Looking at the entries, say how many lines contain the string "PARTITIONING". Offer nothing besides the number.

************

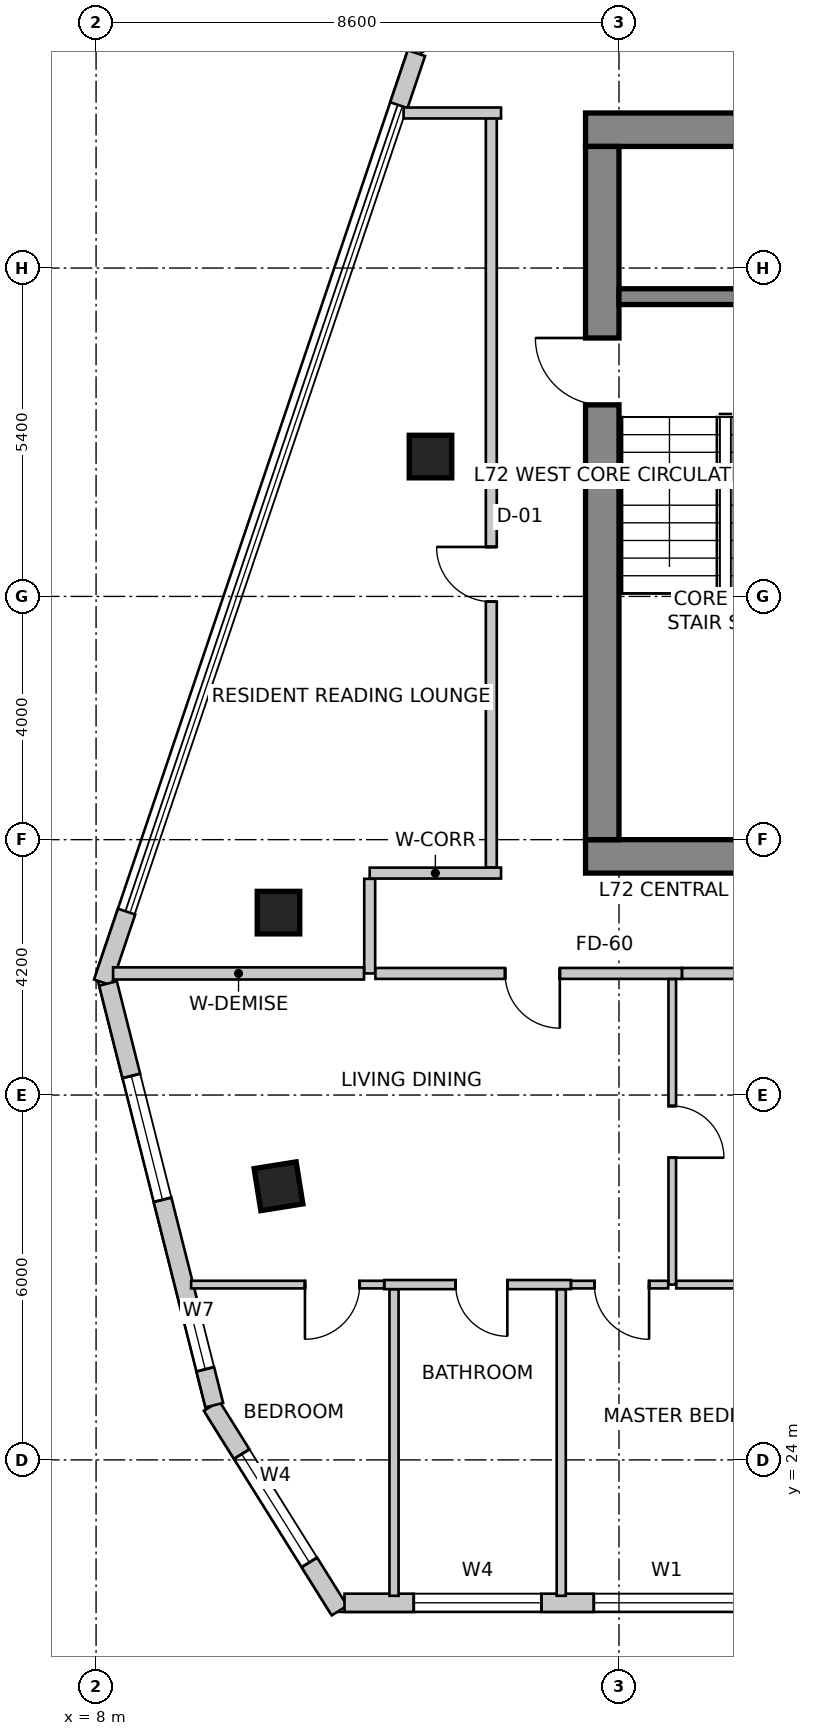
"""IFC4 building model, lengths in metres.
Left out: names, types, materials, properties, quantities, classifications, styles, units other than length and angle.
Written with IfcOpenShell. Run it as: python <this file> out.ifc"""

import sys

from ifc_helpers import new_model, si_unit, direction, frame, frame_2d, origin, origin_2d, place, context, subcontext, project, spatial, rectangle, extrude, source, transform, mapped, element, fill, save


model = new_model("IFC4")
c1 = context("Model", 3, precision=1e-05, world=origin(), true_north=direction((0.0, 1.0)))
c2 = subcontext(c1, "Body", "Model", "MODEL_VIEW")
j1 = project(units=[si_unit("LENGTHUNIT", "METRE"), si_unit("PLANEANGLEUNIT", "RADIAN")], contexts=[c1])
p1 = place(None, origin())
s1 = spatial("IfcSite", under=j1, at=p1, CompositionType="ELEMENT")
p2 = place(p1, origin())
s2 = spatial("IfcBuilding", under=s1, at=p2, CompositionType="ELEMENT")
p3 = place(p2, frame((0.0, 0.0, 281.7)))
s3 = spatial("IfcBuildingStorey", under=s2, at=p3, CompositionType="ELEMENT", Elevation=281.7)
p4 = place(p3, frame((16.05, 45.875, 0.0), z_axis=(0.0, 0.0, 1.0), x_axis=(1.0, 0.0, 0.0)))
e1 = element("IfcWall", 1, at=p4, inside=s3, PredefinedType="SHEAR", context=c2, shape_type="SweptSolid", body=[
    extrude(rectangle(XDim=15.5, YDim=0.55, at=frame_2d((7.75, 0.0))), origin(), (0.0, 0.0, 1.0), 3.6),
])
p5 = place(p3, frame((16.05, 33.925, 0.0), z_axis=(0.0, 0.0, 1.0), x_axis=(1.0, 0.0, 0.0)))
e2 = element("IfcWall", 2, at=p5, inside=s3, PredefinedType="SHEAR", context=c2, shape_type="SweptSolid", body=[
    extrude(rectangle(XDim=15.5, YDim=0.55, at=frame_2d((7.75, 0.0))), origin(), (0.0, 0.0, 1.0), 3.6),
])
m1 = source(origin(), c2, "Body", "SweptSolid", [
    extrude(rectangle(XDim=1.1, YDim=2.15, at=frame_2d((0.55, 1.075))), frame((0.0, 0.285, 0.0), z_axis=(0.0, -1.0, 0.0), x_axis=(1.0, 0.0, 0.0)), (0.0, 0.0, 1.0), 0.57),
])
p6 = place(p5, frame((9.98, 0.0, 0.0)))
e3 = element("IfcOpeningElement", 3, at=p6, cuts=e2, PredefinedType="OPENING", context=c2, shape_type="MappedRepresentation", body=[
    mapped(m1, transform((0.0, 0.0, 0.0), scale=1.0)),
])
p7 = place(p3, frame((16.325, 34.2, 0.0), z_axis=(0.0, 0.0, 1.0), x_axis=(0.0, 1.0, 0.0)))
e4 = element("IfcWall", 4, at=p7, inside=s3, PredefinedType="SHEAR", context=c2, shape_type="SweptSolid", body=[
    extrude(rectangle(XDim=11.4, YDim=0.55, at=frame_2d((5.7, 0.0))), origin(), (0.0, 0.0, 1.0), 3.6),
])
p8 = place(p7, frame((7.15, 0.0, 0.0)))
e5 = element("IfcOpeningElement", 5, at=p8, cuts=e4, PredefinedType="OPENING", context=c2, shape_type="MappedRepresentation", body=[
    mapped(m1, transform((0.0, 0.0, 0.0), scale=1.0)),
])
p9 = place(p3, frame((16.6, 43.13, 0.0), z_axis=(0.0, 0.0, 1.0), x_axis=(1.0, 0.0, 0.0)))
e6 = element("IfcWall", 6, at=p9, inside=s3, PredefinedType="SHEAR", context=c2, shape_type="SweptSolid", body=[
    extrude(rectangle(XDim=3.5, YDim=0.26, at=frame_2d((1.75, 0.0))), origin(), (0.0, 0.0, 1.0), 3.6),
])
m2 = source(origin(), c2, "Body", "SweptSolid", [
    extrude(rectangle(XDim=0.7, YDim=0.7, at=origin_2d()), origin(), (0.0, 0.0, 1.0), 3.6),
])
for number, where, z_axis, x_axis in (
    (7, (11.0, 33.0, 0.0), (0.0, 0.0, 1.0), (1.0, 0.0, 0.0)),
    (8, (13.5, 40.5, 0.0), (0.0, 0.0, 1.0), (1.0, 0.0, 0.0)),
    (9, (11.0, 28.5, 0.0), (0.0, 0.0, 1.0), (0.158, -0.987, 0.0)),
):
    element("IfcColumn", number, at=place(p3, frame(where, z_axis=z_axis, x_axis=x_axis)), inside=s3, PredefinedType="COLUMN", context=c2, shape_type="MappedRepresentation", body=[
        mapped(m2, transform((0.0, 0.0, 0.0), scale=1.0)),
    ])
p10 = place(p3, frame((9.9, 24.887, 0.0), z_axis=(0.0, 0.0, 1.0), x_axis=(0.530004471907, -0.84799484654, 0.0)))
e10 = element("IfcWall", 10, at=p10, inside=s3, PredefinedType="SOLIDWALL", context=c2, shape_type="SweptSolid", body=[
    extrude(rectangle(XDim=3.967, YDim=0.3, at=frame_2d((1.983, 0.0))), origin(), (0.0, 0.0, 1.0), 3.35),
])
m3 = source(origin(), c2, "Body", "SweptSolid", [
    extrude(rectangle(XDim=2.1, YDim=2.0, at=frame_2d((1.05, 1.0))), frame((0.0, 0.16, 0.0), z_axis=(0.0, -1.0, 0.0), x_axis=(1.0, 0.0, 0.0)), (0.0, 0.0, 1.0), 0.32),
])
p11 = place(p10, frame((0.933, 0.0, 0.85)))
e11 = element("IfcOpeningElement", 11, at=p11, cuts=e10, PredefinedType="OPENING", context=c2, shape_type="MappedRepresentation", body=[
    mapped(m3, transform((0.0, 0.0, 0.0), scale=1.0)),
])
p12 = place(p3, frame((12.086, 21.65, 0.0), z_axis=(0.0, 0.0, 1.0), x_axis=(1.0, 0.0, 0.0)))
e12 = element("IfcWall", 12, at=p12, inside=s3, PredefinedType="SOLIDWALL", context=c2, shape_type="SweptSolid", body=[
    extrude(rectangle(XDim=10.642, YDim=0.3, at=frame_2d((5.321, 0.0))), origin(), (0.0, 0.0, 1.0), 3.35),
])
p13 = place(p12, frame((1.139, 0.0, 0.85)))
e13 = element("IfcOpeningElement", 13, at=p13, cuts=e12, PredefinedType="OPENING", context=c2, shape_type="MappedRepresentation", body=[
    mapped(m3, transform((0.0, 0.0, 0.0), scale=1.0)),
])
m4 = source(origin(), c2, "Body", "SweptSolid", [
    extrude(rectangle(XDim=2.4, YDim=2.2, at=frame_2d((1.2, 1.1))), frame((0.0, 0.16, 0.0), z_axis=(0.0, -1.0, 0.0), x_axis=(1.0, 0.0, 0.0)), (0.0, 0.0, 1.0), 0.32),
])
p14 = place(p12, frame((4.1, 0.0, 0.85)))
e14 = element("IfcOpeningElement", 14, at=p14, cuts=e12, PredefinedType="OPENING", context=c2, shape_type="MappedRepresentation", body=[
    mapped(m4, transform((0.0, 0.0, 0.0), scale=1.0)),
])
p15 = place(p12, frame((7.572, 0.0, 0.85)))
e15 = element("IfcOpeningElement", 15, at=p15, cuts=e12, PredefinedType="OPENING", context=c2, shape_type="MappedRepresentation", body=[
    mapped(m4, transform((0.0, 0.0, 0.0), scale=1.0)),
])
p16 = place(p3, frame((21.873, 52.741, 0.0), z_axis=(0.0, 0.0, 1.0), x_axis=(-0.843661487732, -0.536875492193, 0.0)))
e16 = element("IfcWall", 16, at=p16, inside=s3, PredefinedType="SOLIDWALL", context=c2, shape_type="SweptSolid", body=[
    extrude(rectangle(XDim=10.282, YDim=0.3, at=frame_2d((5.141, 0.0))), origin(), (0.0, 0.0, 1.0), 3.35),
])
p17 = place(p16, frame((1.41, 0.0, 0.85)))
e17 = element("IfcOpeningElement", 17, at=p17, cuts=e16, PredefinedType="OPENING", context=c2, shape_type="MappedRepresentation", body=[
    mapped(m3, transform((0.0, 0.0, 0.0), scale=1.0)),
])
p18 = place(p16, frame((5.539, 0.0, 0.85)))
e18 = element("IfcOpeningElement", 18, at=p18, cuts=e16, PredefinedType="OPENING", context=c2, shape_type="MappedRepresentation", body=[
    mapped(m4, transform((0.0, 0.0, 0.0), scale=1.0)),
])
p19 = place(p3, frame((13.269, 47.134, 0.0), z_axis=(0.0, 0.0, 1.0), x_axis=(-0.31995770778, -0.947431826166, 0.0)))
e19 = element("IfcWall", 19, at=p19, inside=s3, PredefinedType="SOLIDWALL", context=c2, shape_type="SweptSolid", body=[
    extrude(rectangle(XDim=0.903, YDim=0.3, at=frame_2d((0.451, 0.0))), origin(), (0.0, 0.0, 1.0), 3.35),
])
p20 = place(p3, frame((8.502, 33.017, 0.0), z_axis=(0.0, 0.0, 1.0), x_axis=(-0.319798692732, -0.947485512357, 0.0)))
e20 = element("IfcWall", 20, at=p20, inside=s3, PredefinedType="SOLIDWALL", context=c2, shape_type="SweptSolid", body=[
    extrude(rectangle(XDim=1.23, YDim=0.3, at=frame_2d((0.615, 0.0))), origin(), (0.0, 0.0, 1.0), 3.35),
])
p21 = place(p3, frame((8.196, 31.835, 0.0), z_axis=(0.0, 0.0, 1.0), x_axis=(0.244430846523, -0.969666726906, 0.0)))
e21 = element("IfcWall", 21, at=p21, inside=s3, PredefinedType="SOLIDWALL", context=c2, shape_type="SweptSolid", body=[
    extrude(rectangle(XDim=7.152, YDim=0.3, at=frame_2d((3.576, 0.0))), origin(), (0.0, 0.0, 1.0), 3.35),
])
p22 = place(p21, frame((1.568, 0.0, 0.85)))
e22 = element("IfcOpeningElement", 22, at=p22, cuts=e21, PredefinedType="OPENING", context=c2, shape_type="MappedRepresentation", body=[
    mapped(m3, transform((0.0, 0.0, 0.0), scale=1.0)),
])
m5 = source(origin(), c2, "Body", "SweptSolid", [
    extrude(rectangle(XDim=0.9, YDim=1.6, at=frame_2d((0.45, 0.8))), frame((0.0, 0.16, 0.0), z_axis=(0.0, -1.0, 0.0), x_axis=(1.0, 0.0, 0.0)), (0.0, 0.0, 1.0), 0.32),
])
p23 = place(p21, frame((5.643, 0.0, 0.85)))
e23 = element("IfcOpeningElement", 23, at=p23, cuts=e21, PredefinedType="OPENING", context=c2, shape_type="MappedRepresentation", body=[
    mapped(m5, transform((0.0, 0.0, 0.0), scale=1.0)),
])
p24 = place(p3, frame((12.5, 33.65, 0.0), z_axis=(0.0, 0.0, 1.0), x_axis=(1.0, 0.0, 0.0)))
e24 = element("IfcWall", 24, at=p24, inside=s3, PredefinedType="PARTITIONING", context=c2, shape_type="SweptSolid", body=[
    extrude(rectangle(XDim=2.16, YDim=0.18, at=frame_2d((1.08, 0.0))), origin(), (0.0, 0.0, 1.0), 3.35),
])
p25 = place(p3, frame((12.5, 32.0, 0.0), z_axis=(0.0, 0.0, 1.0), x_axis=(0.0, 1.0, 0.0)))
e25 = element("IfcWall", 25, at=p25, inside=s3, PredefinedType="PARTITIONING", context=c2, shape_type="SweptSolid", body=[
    extrude(rectangle(XDim=1.556, YDim=0.18, at=frame_2d((0.778, 0.0))), origin(), (0.0, 0.0, 1.0), 2.935),
])
p26 = place(p3, frame((17.636, 32.0, 0.0), z_axis=(0.0, 0.0, 1.0), x_axis=(-1.0, 0.0, 0.0)))
e26 = element("IfcWall", 26, at=p26, inside=s3, PredefinedType="PARTITIONING", context=c2, shape_type="SweptSolid", body=[
    extrude(rectangle(XDim=5.042, YDim=0.18, at=frame_2d((2.521, 0.0))), origin(), (0.0, 0.0, 1.0), 2.935),
])
m6 = source(origin(), c2, "Body", "SweptSolid", [
    extrude(rectangle(XDim=0.9, YDim=2.15, at=frame_2d((0.45, 1.075))), frame((0.0, 0.1, 0.0), z_axis=(0.0, -1.0, 0.0), x_axis=(1.0, 0.0, 0.0)), (0.0, 0.0, 1.0), 0.2),
])
p27 = place(p26, frame((2.009, 0.0, 0.0)))
e27 = element("IfcOpeningElement", 27, at=p27, cuts=e26, PredefinedType="OPENING", context=c2, shape_type="MappedRepresentation", body=[
    mapped(m6, transform((0.0, 0.0, 0.0), scale=1.0)),
])
p28 = place(p3, frame((20.832, 32.0, 0.0), z_axis=(0.0, 0.0, 1.0), x_axis=(-1.0, 0.0, 0.0)))
e28 = element("IfcWall", 28, at=p28, inside=s3, PredefinedType="PARTITIONING", context=c2, shape_type="SweptSolid", body=[
    extrude(rectangle(XDim=3.194, YDim=0.18, at=frame_2d((1.597, 0.0))), origin(), (0.0, 0.0, 1.0), 3.35),
])
p29 = place(p3, frame((14.5, 33.744, 0.0), z_axis=(0.0, 0.0, 1.0), x_axis=(0.0, 1.0, 0.0)))
e29 = element("IfcWall", 29, at=p29, inside=s3, PredefinedType="PARTITIONING", context=c2, shape_type="SweptSolid", body=[
    extrude(rectangle(XDim=12.406, YDim=0.18, at=frame_2d((6.203, 0.0))), origin(), (0.0, 0.0, 1.0), 3.35),
])
p30 = place(p29, frame((4.37, 0.0, 0.0)))
e30 = element("IfcOpeningElement", 30, at=p30, cuts=e29, PredefinedType="OPENING", context=c2, shape_type="MappedRepresentation", body=[
    mapped(m6, transform((0.0, 0.0, 0.0), scale=1.0)),
])
p31 = place(p3, frame((14.66, 46.15, 0.0), z_axis=(0.0, 0.0, 1.0), x_axis=(-1.0, 0.0, 0.0)))
e31 = element("IfcWall", 31, at=p31, inside=s3, PredefinedType="PARTITIONING", context=c2, shape_type="SweptSolid", body=[
    extrude(rectangle(XDim=1.602, YDim=0.18, at=frame_2d((0.801, 0.0))), origin(), (0.0, 0.0, 1.0), 3.35),
])
p32 = place(p3, frame((12.406, 32.0, 0.0), z_axis=(0.0, 0.0, 1.0), x_axis=(-1.0, 0.0, 0.0)))
e32 = element("IfcWall", 32, at=p32, inside=s3, PredefinedType="PARTITIONING", context=c2, shape_type="SweptSolid", body=[
    extrude(rectangle(XDim=4.126, YDim=0.2, at=frame_2d((2.063, 0.0))), origin(), (0.0, 0.0, 1.0), 2.642),
])
p33 = place(p3, frame((17.476, 31.906, 0.0), z_axis=(0.0, 0.0, 1.0), x_axis=(0.0, -1.0, 0.0)))
e33 = element("IfcWall", 33, at=p33, inside=s3, PredefinedType="PARTITIONING", context=c2, shape_type="SweptSolid", body=[
    extrude(rectangle(XDim=5.023, YDim=0.125, at=frame_2d((2.511, 0.0))), origin(), (0.0, 0.0, 1.0), 2.935),
])
m7 = source(origin(), c2, "Body", "SweptSolid", [
    extrude(rectangle(XDim=0.85, YDim=2.15, at=frame_2d((0.425, 1.075))), frame((0.0, 0.073, 0.0), z_axis=(0.0, -1.0, 0.0), x_axis=(1.0, 0.0, 0.0)), (0.0, 0.0, 1.0), 0.145),
])
p34 = place(p33, frame((2.086, 0.0, 0.0)))
e34 = element("IfcOpeningElement", 34, at=p34, cuts=e33, PredefinedType="OPENING", context=c2, shape_type="MappedRepresentation", body=[
    mapped(m7, transform((0.0, 0.0, 0.0), scale=1.0)),
])
p35 = place(p3, frame((15.81, 26.883, 0.0), z_axis=(0.0, 0.0, 1.0), x_axis=(-1.0, 0.0, 0.0)))
e35 = element("IfcWall", 35, at=p35, inside=s3, PredefinedType="PARTITIONING", context=c2, shape_type="SweptSolid", body=[
    extrude(rectangle(XDim=3.07, YDim=0.15, at=frame_2d((1.535, 0.0))), origin(), (0.0, 0.0, 1.0), 2.935),
])
m8 = source(origin(), c2, "Body", "SweptSolid", [
    extrude(rectangle(XDim=0.85, YDim=2.15, at=frame_2d((0.425, 1.075))), frame((0.0, 0.085, 0.0), z_axis=(0.0, -1.0, 0.0), x_axis=(1.0, 0.0, 0.0)), (0.0, 0.0, 1.0), 0.17),
])
p36 = place(p35, frame((1.046, 0.0, 0.0)))
e36 = element("IfcOpeningElement", 36, at=p36, cuts=e35, PredefinedType="OPENING", context=c2, shape_type="MappedRepresentation", body=[
    mapped(m8, transform((0.0, 0.0, 0.0), scale=1.0)),
])
p37 = place(p3, frame((12.738, 26.883, 0.0), z_axis=(0.0, 0.0, 1.0), x_axis=(-1.0, 0.0, 0.0)))
e37 = element("IfcWall", 37, at=p37, inside=s3, PredefinedType="PARTITIONING", context=c2, shape_type="SweptSolid", body=[
    extrude(rectangle(XDim=3.175, YDim=0.125, at=frame_2d((1.587, 0.0))), origin(), (0.0, 0.0, 1.0), 3.35),
])
m9 = source(origin(), c2, "Body", "SweptSolid", [
    extrude(rectangle(XDim=0.9, YDim=2.15, at=frame_2d((0.45, 1.075))), frame((0.0, 0.073, 0.0), z_axis=(0.0, -1.0, 0.0), x_axis=(1.0, 0.0, 0.0)), (0.0, 0.0, 1.0), 0.145),
])
p38 = place(p37, frame((0.403, 0.0, 0.0)))
e38 = element("IfcOpeningElement", 38, at=p38, cuts=e37, PredefinedType="OPENING", context=c2, shape_type="MappedRepresentation", body=[
    mapped(m9, transform((0.0, 0.0, 0.0), scale=1.0)),
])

************

Worked solution =
10